* [DATA IN THIS EXERCISE]:

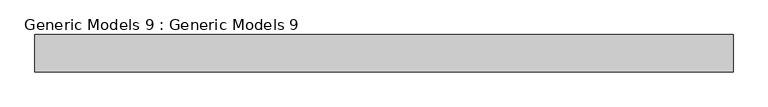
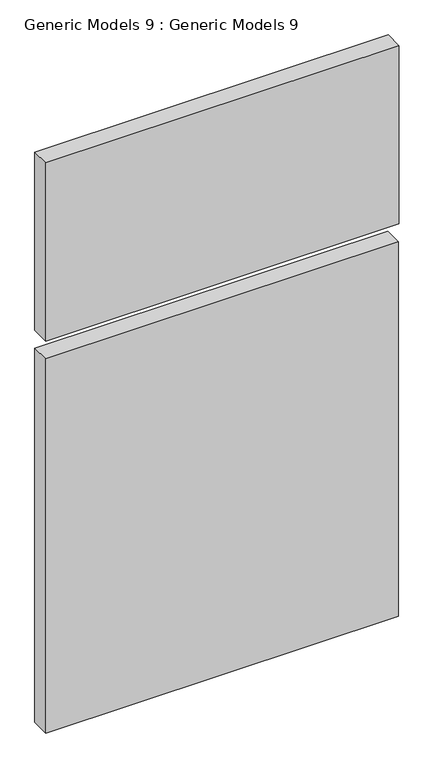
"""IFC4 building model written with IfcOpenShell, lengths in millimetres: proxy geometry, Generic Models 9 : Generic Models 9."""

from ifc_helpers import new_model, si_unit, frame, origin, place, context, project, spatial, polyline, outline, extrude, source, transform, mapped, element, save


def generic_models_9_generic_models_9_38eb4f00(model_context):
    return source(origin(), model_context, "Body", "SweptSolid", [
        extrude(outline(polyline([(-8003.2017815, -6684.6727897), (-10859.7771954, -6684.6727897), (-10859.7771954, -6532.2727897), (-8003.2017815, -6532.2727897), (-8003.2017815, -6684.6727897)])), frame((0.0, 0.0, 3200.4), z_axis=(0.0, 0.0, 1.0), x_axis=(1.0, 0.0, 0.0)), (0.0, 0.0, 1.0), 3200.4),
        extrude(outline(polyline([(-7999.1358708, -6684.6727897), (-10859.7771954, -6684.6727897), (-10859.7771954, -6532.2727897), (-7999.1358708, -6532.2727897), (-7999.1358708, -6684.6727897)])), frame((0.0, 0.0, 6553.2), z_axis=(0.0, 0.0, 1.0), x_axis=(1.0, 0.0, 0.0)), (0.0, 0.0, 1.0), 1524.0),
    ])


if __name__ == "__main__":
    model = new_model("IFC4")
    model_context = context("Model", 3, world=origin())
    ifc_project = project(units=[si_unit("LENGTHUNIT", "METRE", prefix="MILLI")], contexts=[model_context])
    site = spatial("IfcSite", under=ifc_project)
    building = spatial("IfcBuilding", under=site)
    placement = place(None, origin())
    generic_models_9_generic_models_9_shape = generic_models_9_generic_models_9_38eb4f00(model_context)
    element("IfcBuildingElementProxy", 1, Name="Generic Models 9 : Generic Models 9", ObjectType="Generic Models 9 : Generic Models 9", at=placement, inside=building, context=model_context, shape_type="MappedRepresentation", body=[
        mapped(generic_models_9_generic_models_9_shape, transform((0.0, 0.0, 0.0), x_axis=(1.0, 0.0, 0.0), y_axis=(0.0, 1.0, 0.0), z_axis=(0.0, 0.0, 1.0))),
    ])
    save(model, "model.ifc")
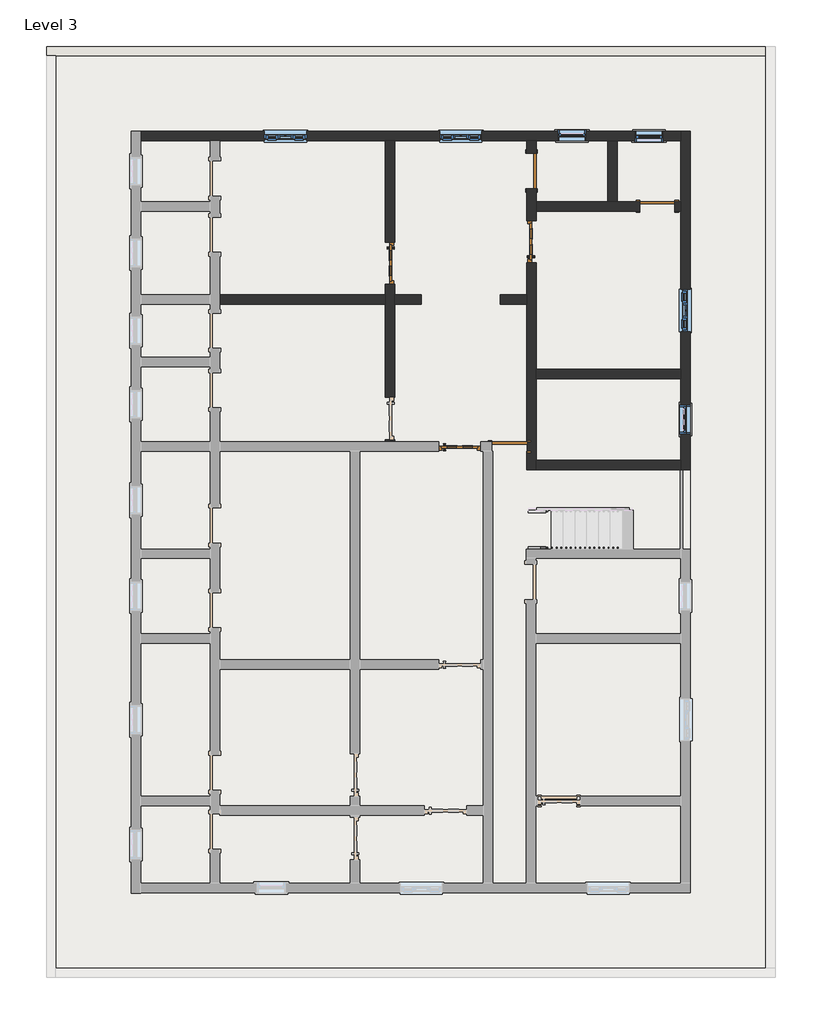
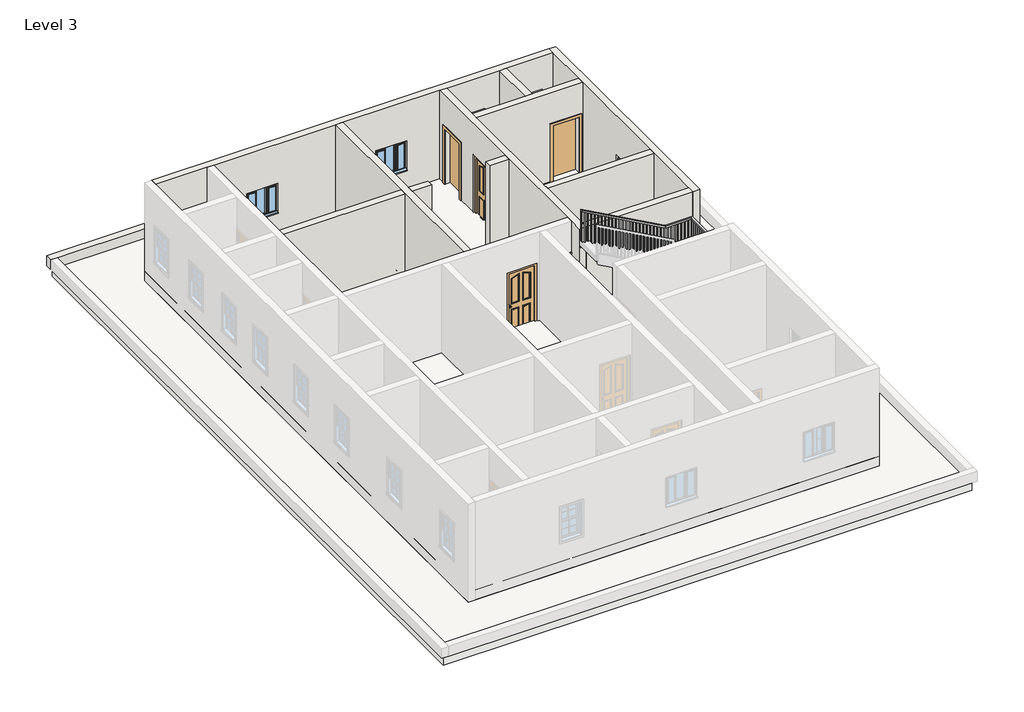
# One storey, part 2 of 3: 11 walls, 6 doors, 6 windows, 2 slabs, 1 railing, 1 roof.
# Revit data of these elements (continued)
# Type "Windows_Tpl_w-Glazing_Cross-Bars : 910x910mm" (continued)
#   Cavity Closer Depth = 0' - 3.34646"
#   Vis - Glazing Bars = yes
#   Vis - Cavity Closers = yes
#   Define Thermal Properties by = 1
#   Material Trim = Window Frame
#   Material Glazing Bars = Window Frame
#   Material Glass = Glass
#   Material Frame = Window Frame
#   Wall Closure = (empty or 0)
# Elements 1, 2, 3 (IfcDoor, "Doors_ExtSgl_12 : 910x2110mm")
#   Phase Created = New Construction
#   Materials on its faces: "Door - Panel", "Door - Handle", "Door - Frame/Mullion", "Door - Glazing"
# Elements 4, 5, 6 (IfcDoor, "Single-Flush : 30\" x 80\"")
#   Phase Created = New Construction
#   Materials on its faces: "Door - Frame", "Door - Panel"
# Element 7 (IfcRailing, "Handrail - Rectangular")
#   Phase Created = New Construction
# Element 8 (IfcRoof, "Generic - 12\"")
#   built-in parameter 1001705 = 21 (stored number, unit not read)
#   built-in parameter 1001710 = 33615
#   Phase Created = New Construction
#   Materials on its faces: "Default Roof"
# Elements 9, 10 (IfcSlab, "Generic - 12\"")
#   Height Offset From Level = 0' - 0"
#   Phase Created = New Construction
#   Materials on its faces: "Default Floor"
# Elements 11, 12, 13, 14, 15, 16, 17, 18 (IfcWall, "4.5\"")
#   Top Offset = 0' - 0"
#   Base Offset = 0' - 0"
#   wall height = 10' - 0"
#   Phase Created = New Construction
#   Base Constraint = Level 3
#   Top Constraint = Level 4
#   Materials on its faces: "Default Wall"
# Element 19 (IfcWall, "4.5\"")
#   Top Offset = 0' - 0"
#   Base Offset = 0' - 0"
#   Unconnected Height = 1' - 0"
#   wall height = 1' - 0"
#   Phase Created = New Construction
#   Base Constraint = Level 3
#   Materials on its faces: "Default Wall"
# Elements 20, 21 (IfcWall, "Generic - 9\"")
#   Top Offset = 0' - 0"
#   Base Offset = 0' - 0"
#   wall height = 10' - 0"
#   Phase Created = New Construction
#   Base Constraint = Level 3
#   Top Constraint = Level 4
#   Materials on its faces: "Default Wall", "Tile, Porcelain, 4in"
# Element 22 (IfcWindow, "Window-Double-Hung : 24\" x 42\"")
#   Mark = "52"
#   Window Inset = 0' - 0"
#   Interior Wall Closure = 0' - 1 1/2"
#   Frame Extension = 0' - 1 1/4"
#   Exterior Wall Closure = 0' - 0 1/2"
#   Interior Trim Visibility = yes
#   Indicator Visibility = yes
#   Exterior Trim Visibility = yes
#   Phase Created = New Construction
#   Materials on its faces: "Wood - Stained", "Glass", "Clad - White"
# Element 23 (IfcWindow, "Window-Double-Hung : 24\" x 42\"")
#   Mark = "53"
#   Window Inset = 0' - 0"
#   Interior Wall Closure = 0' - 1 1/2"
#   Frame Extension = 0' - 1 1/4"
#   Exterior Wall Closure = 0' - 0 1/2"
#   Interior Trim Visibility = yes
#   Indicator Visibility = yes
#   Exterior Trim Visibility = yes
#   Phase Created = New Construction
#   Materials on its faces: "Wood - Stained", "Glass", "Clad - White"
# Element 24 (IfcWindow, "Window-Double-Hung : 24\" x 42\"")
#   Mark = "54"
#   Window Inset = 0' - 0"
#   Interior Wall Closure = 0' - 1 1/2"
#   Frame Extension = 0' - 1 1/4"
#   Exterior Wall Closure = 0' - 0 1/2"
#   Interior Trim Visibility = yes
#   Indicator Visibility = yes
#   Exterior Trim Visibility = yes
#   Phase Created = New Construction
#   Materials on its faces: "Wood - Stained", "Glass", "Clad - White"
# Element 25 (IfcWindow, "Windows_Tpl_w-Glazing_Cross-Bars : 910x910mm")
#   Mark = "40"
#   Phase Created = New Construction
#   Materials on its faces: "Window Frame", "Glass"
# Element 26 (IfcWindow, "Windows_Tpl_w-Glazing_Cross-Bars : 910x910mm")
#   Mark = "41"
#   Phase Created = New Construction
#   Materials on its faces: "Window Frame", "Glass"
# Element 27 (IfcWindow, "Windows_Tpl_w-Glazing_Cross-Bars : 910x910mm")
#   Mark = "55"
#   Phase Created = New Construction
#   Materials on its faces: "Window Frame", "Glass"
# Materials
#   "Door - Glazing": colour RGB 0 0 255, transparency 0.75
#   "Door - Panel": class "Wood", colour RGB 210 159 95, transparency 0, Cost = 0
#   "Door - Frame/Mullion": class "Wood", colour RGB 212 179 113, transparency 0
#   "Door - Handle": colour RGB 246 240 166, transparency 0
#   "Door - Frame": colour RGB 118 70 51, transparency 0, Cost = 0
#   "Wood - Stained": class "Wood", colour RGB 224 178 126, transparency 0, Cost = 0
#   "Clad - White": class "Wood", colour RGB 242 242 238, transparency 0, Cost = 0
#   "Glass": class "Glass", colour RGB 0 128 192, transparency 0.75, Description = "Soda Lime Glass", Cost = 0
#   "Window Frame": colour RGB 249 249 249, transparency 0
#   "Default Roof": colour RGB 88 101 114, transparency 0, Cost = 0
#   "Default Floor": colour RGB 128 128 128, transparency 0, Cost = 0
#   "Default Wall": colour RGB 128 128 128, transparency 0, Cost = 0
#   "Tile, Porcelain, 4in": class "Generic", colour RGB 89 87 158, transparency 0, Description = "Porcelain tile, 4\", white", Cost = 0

* [TASK TO CARRY OUT]: Go through the material above, and wherever a line holds the word "Cost", copy it.

* [TASK RESPONSE]:
#   "Door - Panel": class "Wood", colour RGB 210 159 95, transparency 0, Cost = 0
#   "Door - Frame": colour RGB 118 70 51, transparency 0, Cost = 0
#   "Wood - Stained": class "Wood", colour RGB 224 178 126, transparency 0, Cost = 0
#   "Clad - White": class "Wood", colour RGB 242 242 238, transparency 0, Cost = 0
#   "Glass": class "Glass", colour RGB 0 128 192, transparency 0.75, Description = "Soda Lime Glass", Cost = 0
#   "Default Roof": colour RGB 88 101 114, transparency 0, Cost = 0
#   "Default Floor": colour RGB 128 128 128, transparency 0, Cost = 0
#   "Default Wall": colour RGB 128 128 128, transparency 0, Cost = 0
#   "Tile, Porcelain, 4in": class "Generic", colour RGB 89 87 158, transparency 0, Description = "Porcelain tile, 4\", white", Cost = 0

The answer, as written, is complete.